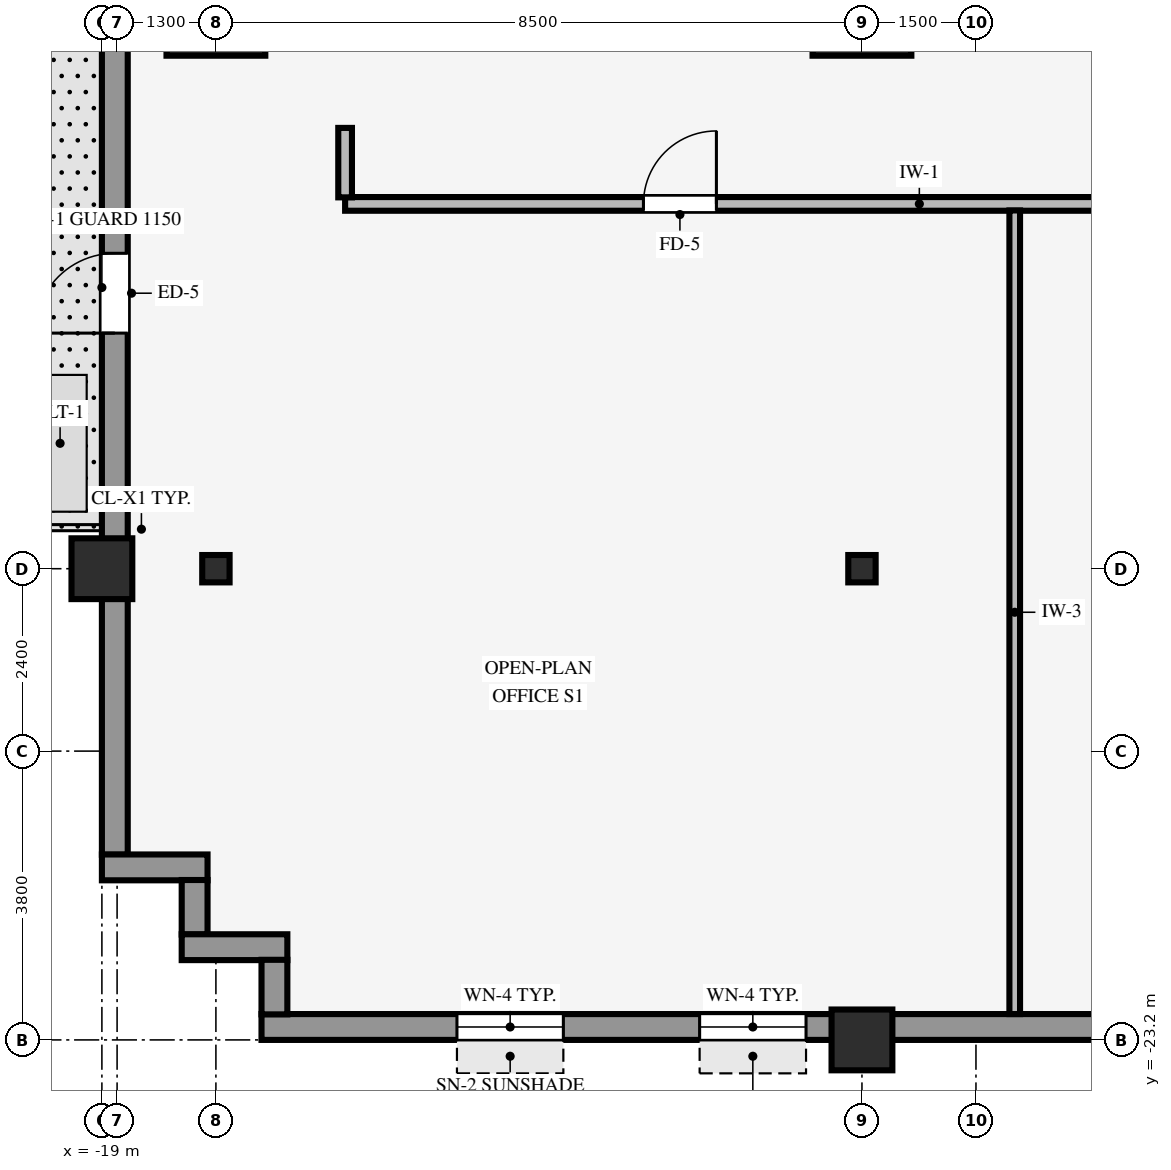
"""IFC4 building model, lengths in metres.
Left out: names, types, materials, properties, quantities, classifications, styles, units other than length and angle.
Written with IfcOpenShell. Run it as: python <this file> out.ifc"""

import sys

from ifc_helpers import new_model, si_unit, direction, frame, frame_2d, origin, origin_2d, place, context, subcontext, project, spatial, rectangle, hollow_rectangle, i_section, extrude, source, transform, mapped, element, fill, save


model = new_model("IFC4")
c1 = context("Model", 3, precision=1e-05, world=origin(), true_north=direction((0.0, 1.0)))
c2 = subcontext(c1, "Body", "Model", "MODEL_VIEW")
j1 = project(units=[si_unit("LENGTHUNIT", "METRE"), si_unit("PLANEANGLEUNIT", "RADIAN")], contexts=[c1])
p1 = place(None, origin())
s1 = spatial("IfcSite", under=j1, at=p1, CompositionType="ELEMENT")
p2 = place(p1, origin())
s2 = spatial("IfcBuilding", under=s1, at=p2, CompositionType="ELEMENT")
p3 = place(p2, frame((0.0, 0.0, 31.25)))
s3 = spatial("IfcBuildingStorey", under=s2, at=p3, CompositionType="ELEMENT", Elevation=31.25)
for number, where, z_axis, x_axis in (
    (1, (-17.5, -9.6, 0.0), (0.0, 0.0, 1.0), (1.0, 0.0, 0.0)),
    (2, (-9.0, -9.6, 0.0), (0.0, 0.0, 1.0), (1.0, 0.0, 0.0)),
):
    element("IfcColumn", number, at=place(p3, frame(where, z_axis=z_axis, x_axis=x_axis)), inside=s3, PredefinedType="COLUMN", context=c2, shape_type="SweptSolid", body=[
        extrude(rectangle(XDim=1.3, YDim=1.3, at=origin_2d()), origin(), (0.0, 0.0, 1.0), 3.37),
    ])
for number, where, z_axis, x_axis in (
    (3, (-19.0, -17.0, 0.0), (0.0, 0.0, 1.0), (1.0, 0.0, 0.0)),
    (4, (-9.0, -23.2, 0.0), (0.0, 0.0, 1.0), (1.0, 0.0, 0.0)),
):
    element("IfcColumn", number, at=place(p3, frame(where, z_axis=z_axis, x_axis=x_axis)), inside=s3, PredefinedType="COLUMN", context=c2, shape_type="SweptSolid", body=[
        extrude(hollow_rectangle(XDim=0.8, YDim=0.8, WallThickness=0.055, InnerFilletRadius=0.055, OuterFilletRadius=0.11, at=origin_2d()), origin(), (0.0, 0.0, 1.0), 3.37),
    ])
for number, where, z_axis, x_axis in (
    (5, (-17.5, -17.0, 0.0), (0.0, 0.0, 1.0), (1.0, 0.0, 0.0)),
    (6, (-9.0, -17.0, 0.0), (0.0, 0.0, 1.0), (1.0, 0.0, 0.0)),
):
    element("IfcColumn", number, at=place(p3, frame(where, z_axis=z_axis, x_axis=x_axis)), inside=s3, PredefinedType="COLUMN", context=c2, shape_type="SweptSolid", body=[
        extrude(i_section(OverallWidth=0.36, OverallDepth=0.36, WebThickness=0.021, FlangeThickness=0.021, FilletRadius=0.018, at=origin_2d()), origin(), (0.0, 0.0, 1.0), 3.37),
    ])
p4 = place(p3, frame((-16.9, -23.03, 0.0), z_axis=(0.0, 0.0, 1.0), x_axis=(1.0, 0.0, 0.0)))
e7 = element("IfcWall", 7, at=p4, inside=s3, PredefinedType="STANDARD", context=c2, shape_type="SweptSolid", body=[
    extrude(rectangle(XDim=33.8, YDim=0.34, at=frame_2d((16.9, 0.0))), origin(), (0.0, 0.0, 1.0), 2.705),
])
p5 = place(p4, frame((2.571, 0.0, 0.8)))
e8 = element("IfcOpeningElement", 8, at=p5, cuts=e7, PredefinedType="OPENING", context=c2, shape_type="SweptSolid", body=[
    extrude(rectangle(XDim=1.4, YDim=1.65, at=frame_2d((0.7, 0.825))), frame((0.0, 0.18, 0.0), z_axis=(0.0, -1.0, 0.0), x_axis=(1.0, 0.0, 0.0)), (0.0, 0.0, 1.0), 0.36),
])
p6 = place(p4, frame((5.764, 0.0, 0.8)))
e9 = element("IfcOpeningElement", 9, at=p6, cuts=e7, PredefinedType="OPENING", context=c2, shape_type="SweptSolid", body=[
    extrude(rectangle(XDim=1.4, YDim=1.65, at=frame_2d((0.7, 0.825))), frame((0.0, 0.18, 0.0), z_axis=(0.0, -1.0, 0.0), x_axis=(1.0, 0.0, 0.0)), (0.0, 0.0, 1.0), 0.36),
])
p7 = place(p4, frame((11.657, 0.0, 0.8)))
e10 = element("IfcOpeningElement", 10, at=p7, cuts=e7, PredefinedType="OPENING", context=c2, shape_type="SweptSolid", body=[
    extrude(rectangle(XDim=1.4, YDim=1.65, at=frame_2d((0.7, 0.825))), frame((0.0, 0.18, 0.0), z_axis=(0.0, -1.0, 0.0), x_axis=(1.0, 0.0, 0.0)), (0.0, 0.0, 1.0), 0.36),
])
p8 = place(p4, frame((20.743, 0.0, 0.8)))
e11 = element("IfcOpeningElement", 11, at=p8, cuts=e7, PredefinedType="OPENING", context=c2, shape_type="SweptSolid", body=[
    extrude(rectangle(XDim=1.4, YDim=1.65, at=frame_2d((0.7, 0.825))), frame((0.0, 0.18, 0.0), z_axis=(0.0, -1.0, 0.0), x_axis=(1.0, 0.0, 0.0)), (0.0, 0.0, 1.0), 0.36),
])
p9 = place(p4, frame((26.636, 0.0, 0.8)))
e12 = element("IfcOpeningElement", 12, at=p9, cuts=e7, PredefinedType="OPENING", context=c2, shape_type="SweptSolid", body=[
    extrude(rectangle(XDim=1.4, YDim=1.65, at=frame_2d((0.7, 0.825))), frame((0.0, 0.18, 0.0), z_axis=(0.0, -1.0, 0.0), x_axis=(1.0, 0.0, 0.0)), (0.0, 0.0, 1.0), 0.36),
])
p10 = place(p4, frame((29.829, 0.0, 0.8)))
e13 = element("IfcOpeningElement", 13, at=p10, cuts=e7, PredefinedType="OPENING", context=c2, shape_type="SweptSolid", body=[
    extrude(rectangle(XDim=1.4, YDim=1.65, at=frame_2d((0.7, 0.825))), frame((0.0, 0.18, 0.0), z_axis=(0.0, -1.0, 0.0), x_axis=(1.0, 0.0, 0.0)), (0.0, 0.0, 1.0), 0.36),
])
p11 = place(p3, frame((-18.83, -20.764, 0.0), z_axis=(0.0, 0.0, 1.0), x_axis=(0.0, 1.0, 0.0)))
e14 = element("IfcWall", 14, at=p11, inside=s3, PredefinedType="STANDARD", context=c2, shape_type="SweptSolid", body=[
    extrude(rectangle(XDim=41.528, YDim=0.34, at=frame_2d((20.764, 0.0))), origin(), (0.0, 0.0, 1.0), 2.705),
])
p12 = place(p11, frame((6.864, 0.0, 0.0)))
e15 = element("IfcOpeningElement", 15, at=p12, cuts=e14, PredefinedType="OPENING", context=c2, shape_type="SweptSolid", body=[
    extrude(rectangle(XDim=1.05, YDim=2.1, at=frame_2d((0.525, 1.05))), frame((0.0, 0.18, 0.0), z_axis=(0.0, -1.0, 0.0), x_axis=(1.0, 0.0, 0.0)), (0.0, 0.0, 1.0), 0.36),
])
p13 = place(p11, frame((32.467, 0.0, 0.8)))
e16 = element("IfcOpeningElement", 16, at=p13, cuts=e14, PredefinedType="OPENING", context=c2, shape_type="SweptSolid", body=[
    extrude(rectangle(XDim=2.2, YDim=1.65, at=frame_2d((1.1, 0.825))), frame((0.0, 0.18, 0.0), z_axis=(0.0, -1.0, 0.0), x_axis=(1.0, 0.0, 0.0)), (0.0, 0.0, 1.0), 0.36),
])
p14 = place(p3, frame((-19.0, -20.93, 0.0), z_axis=(0.0, 0.0, 1.0), x_axis=(1.0, 0.0, 0.0)))
e17 = element("IfcWall", 17, at=p14, inside=s3, PredefinedType="STANDARD", context=c2, shape_type="SweptSolid", body=[
    extrude(rectangle(XDim=1.39, YDim=0.34, at=frame_2d((0.695, 0.0))), origin(), (0.0, 0.0, 1.0), 3.36),
])
p15 = place(p3, frame((-17.78, -21.814, 0.0), z_axis=(0.0, 0.0, 1.0), x_axis=(0.0, 1.0, 0.0)))
e18 = element("IfcWall", 18, at=p15, inside=s3, PredefinedType="STANDARD", context=c2, shape_type="SweptSolid", body=[
    extrude(rectangle(XDim=0.718, YDim=0.34, at=frame_2d((0.359, 0.0))), origin(), (0.0, 0.0, 1.0), 3.36),
])
p16 = place(p3, frame((-17.95, -21.98, 0.0), z_axis=(0.0, 0.0, 1.0), x_axis=(1.0, 0.0, 0.0)))
e19 = element("IfcWall", 19, at=p16, inside=s3, PredefinedType="STANDARD", context=c2, shape_type="SweptSolid", body=[
    extrude(rectangle(XDim=1.39, YDim=0.34, at=frame_2d((0.695, 0.0))), origin(), (0.0, 0.0, 1.0), 3.36),
])
p17 = place(p3, frame((-16.73, -22.864, 0.0), z_axis=(0.0, 0.0, 1.0), x_axis=(0.0, 1.0, 0.0)))
e20 = element("IfcWall", 20, at=p17, inside=s3, PredefinedType="STANDARD", context=c2, shape_type="SweptSolid", body=[
    extrude(rectangle(XDim=0.718, YDim=0.34, at=frame_2d((0.359, 0.0))), origin(), (0.0, 0.0, 1.0), 3.36),
])
p18 = place(p3, frame((-15.8, -12.2, 0.0), z_axis=(0.0, 0.0, 1.0), x_axis=(1.0, 0.0, 0.0)))
e21 = element("IfcWall", 21, at=p18, inside=s3, PredefinedType="PARTITIONING", context=c2, shape_type="SweptSolid", body=[
    extrude(rectangle(XDim=24.6, YDim=0.18, at=frame_2d((12.3, 0.0))), origin(), (0.0, 0.0, 1.0), 3.36),
])
p19 = place(p18, frame((3.925, 0.0, 0.0)))
e22 = element("IfcOpeningElement", 22, at=p19, cuts=e21, PredefinedType="OPENING", context=c2, shape_type="SweptSolid", body=[
    extrude(rectangle(XDim=0.96, YDim=2.1, at=frame_2d((0.48, 1.05))), frame((0.0, 0.1, 0.0), z_axis=(0.0, -1.0, 0.0), x_axis=(1.0, 0.0, 0.0)), (0.0, 0.0, 1.0), 0.2),
])
p20 = place(p18, frame((10.225, 0.0, 0.0)))
e23 = element("IfcOpeningElement", 23, at=p20, cuts=e21, PredefinedType="OPENING", context=c2, shape_type="SweptSolid", body=[
    extrude(rectangle(XDim=0.96, YDim=2.1, at=frame_2d((0.48, 1.05))), frame((0.0, 0.1, 0.0), z_axis=(0.0, -1.0, 0.0), x_axis=(1.0, 0.0, 0.0)), (0.0, 0.0, 1.0), 0.2),
])
p21 = place(p18, frame((20.45, 0.0, 0.0)))
e24 = element("IfcOpeningElement", 24, at=p21, cuts=e21, PredefinedType="OPENING", context=c2, shape_type="SweptSolid", body=[
    extrude(rectangle(XDim=0.9, YDim=2.1, at=frame_2d((0.45, 1.05))), frame((0.0, 0.1, 0.0), z_axis=(0.0, -1.0, 0.0), x_axis=(1.0, 0.0, 0.0)), (0.0, 0.0, 1.0), 0.2),
])
p22 = place(p18, frame((17.85, 0.0, 0.0)))
e25 = element("IfcOpeningElement", 25, at=p22, cuts=e21, PredefinedType="OPENING", context=c2, shape_type="SweptSolid", body=[
    extrude(rectangle(XDim=0.9, YDim=2.1, at=frame_2d((0.45, 1.05))), frame((0.0, 0.1, 0.0), z_axis=(0.0, -1.0, 0.0), x_axis=(1.0, 0.0, 0.0)), (0.0, 0.0, 1.0), 0.2),
])
p23 = place(p18, frame((22.95, 0.0, 0.0)))
e26 = element("IfcOpeningElement", 26, at=p23, cuts=e21, PredefinedType="OPENING", context=c2, shape_type="SweptSolid", body=[
    extrude(rectangle(XDim=0.9, YDim=2.1, at=frame_2d((0.45, 1.05))), frame((0.0, 0.1, 0.0), z_axis=(0.0, -1.0, 0.0), x_axis=(1.0, 0.0, 0.0)), (0.0, 0.0, 1.0), 0.2),
])
p24 = place(p18, frame((15.52, 0.0, 0.0)))
e27 = element("IfcOpeningElement", 27, at=p24, cuts=e21, PredefinedType="OPENING", context=c2, shape_type="SweptSolid", body=[
    extrude(rectangle(XDim=0.96, YDim=2.1, at=frame_2d((0.48, 1.05))), frame((0.0, 0.1, 0.0), z_axis=(0.0, -1.0, 0.0), x_axis=(1.0, 0.0, 0.0)), (0.0, 0.0, 1.0), 0.2),
])
p25 = place(p3, frame((-15.8, -12.114, 0.0), z_axis=(0.0, 0.0, 1.0), x_axis=(0.0, 1.0, 0.0)))
e28 = element("IfcWall", 28, at=p25, inside=s3, PredefinedType="PARTITIONING", context=c2, shape_type="SweptSolid", body=[
    extrude(rectangle(XDim=0.914, YDim=0.18, at=frame_2d((0.457, 0.0))), origin(), (0.0, 0.0, 1.0), 3.36),
])
p26 = place(p3, frame((-6.99, -22.86, 0.0), z_axis=(0.0, 0.0, 1.0), x_axis=(0.0, 1.0, 0.0)))
e29 = element("IfcWall", 29, at=p26, inside=s3, PredefinedType="PARTITIONING", context=c2, shape_type="SweptSolid", body=[
    extrude(rectangle(XDim=10.574, YDim=0.14, at=frame_2d((5.287, 0.0))), origin(), (0.0, 0.0, 1.0), 3.36),
])
m1 = source(origin(), c2, "Body", "SweptSolid", [
    extrude(rectangle(XDim=1.4, YDim=1.65, at=frame_2d((0.7, 0.825))), frame((0.0, 0.03, 0.0), z_axis=(0.0, -1.0, 0.0), x_axis=(1.0, 0.0, 0.0)), (0.0, 0.0, 1.0), 0.06),
])
p27 = place(p5, origin())
e30 = element("IfcWindow", 30, at=p27, inside=s3, PartitioningType="SINGLE_PANEL", PredefinedType="WINDOW", context=c2, shape_type="MappedRepresentation", body=[
    mapped(m1, transform((0.0, 0.0, 0.0), scale=1.0)),
])
fill(e8, e30)
p28 = place(p6, origin())
e31 = element("IfcWindow", 31, at=p28, inside=s3, PartitioningType="SINGLE_PANEL", PredefinedType="WINDOW", context=c2, shape_type="MappedRepresentation", body=[
    mapped(m1, transform((0.0, 0.0, 0.0), scale=1.0)),
])
fill(e9, e31)
m2 = source(origin(), c2, "Body", "SweptSolid", [
    extrude(rectangle(XDim=1.05, YDim=2.1, at=frame_2d((0.525, 1.05))), frame((0.0, 0.025, 0.0), z_axis=(0.0, -1.0, 0.0), x_axis=(1.0, 0.0, 0.0)), (0.0, 0.0, 1.0), 0.05),
])
p29 = place(p12, origin())
e32 = element("IfcDoor", 32, at=p29, inside=s3, OperationType="SINGLE_SWING_LEFT", PredefinedType="DOOR", context=c2, shape_type="MappedRepresentation", body=[
    mapped(m2, transform((0.0, 0.0, 0.0), scale=1.0)),
])
fill(e15, e32)
m3 = source(origin(), c2, "Body", "SweptSolid", [
    extrude(rectangle(XDim=0.96, YDim=2.1, at=frame_2d((0.48, 1.05))), frame((0.0, 0.025, 0.0), z_axis=(0.0, -1.0, 0.0), x_axis=(1.0, 0.0, 0.0)), (0.0, 0.0, 1.0), 0.05),
])
p30 = place(p19, origin())
e33 = element("IfcDoor", 33, at=p30, inside=s3, OperationType="SINGLE_SWING_RIGHT", PredefinedType="DOOR", context=c2, shape_type="MappedRepresentation", body=[
    mapped(m3, transform((0.0, 0.0, 0.0), scale=1.0)),
])
fill(e22, e33)
save(model, sys.argv[1])

§ Required work: Word for word, give again the lines from the first entry to the line with "world=origin(), true_north=direction((0.0, 1.0)))", inclusive. Exclude the pictures.

§ Reply:
"""IFC4 building model, lengths in metres.
Left out: names, types, materials, properties, quantities, classifications, styles, units other than length and angle.
Written with IfcOpenShell. Run it as: python <this file> out.ifc"""

import sys

from ifc_helpers import new_model, si_unit, direction, frame, frame_2d, origin, origin_2d, place, context, subcontext, project, spatial, rectangle, hollow_rectangle, i_section, extrude, source, transform, mapped, element, fill, save


model = new_model("IFC4")
c1 = context("Model", 3, precision=1e-05, world=origin(), true_north=direction((0.0, 1.0)))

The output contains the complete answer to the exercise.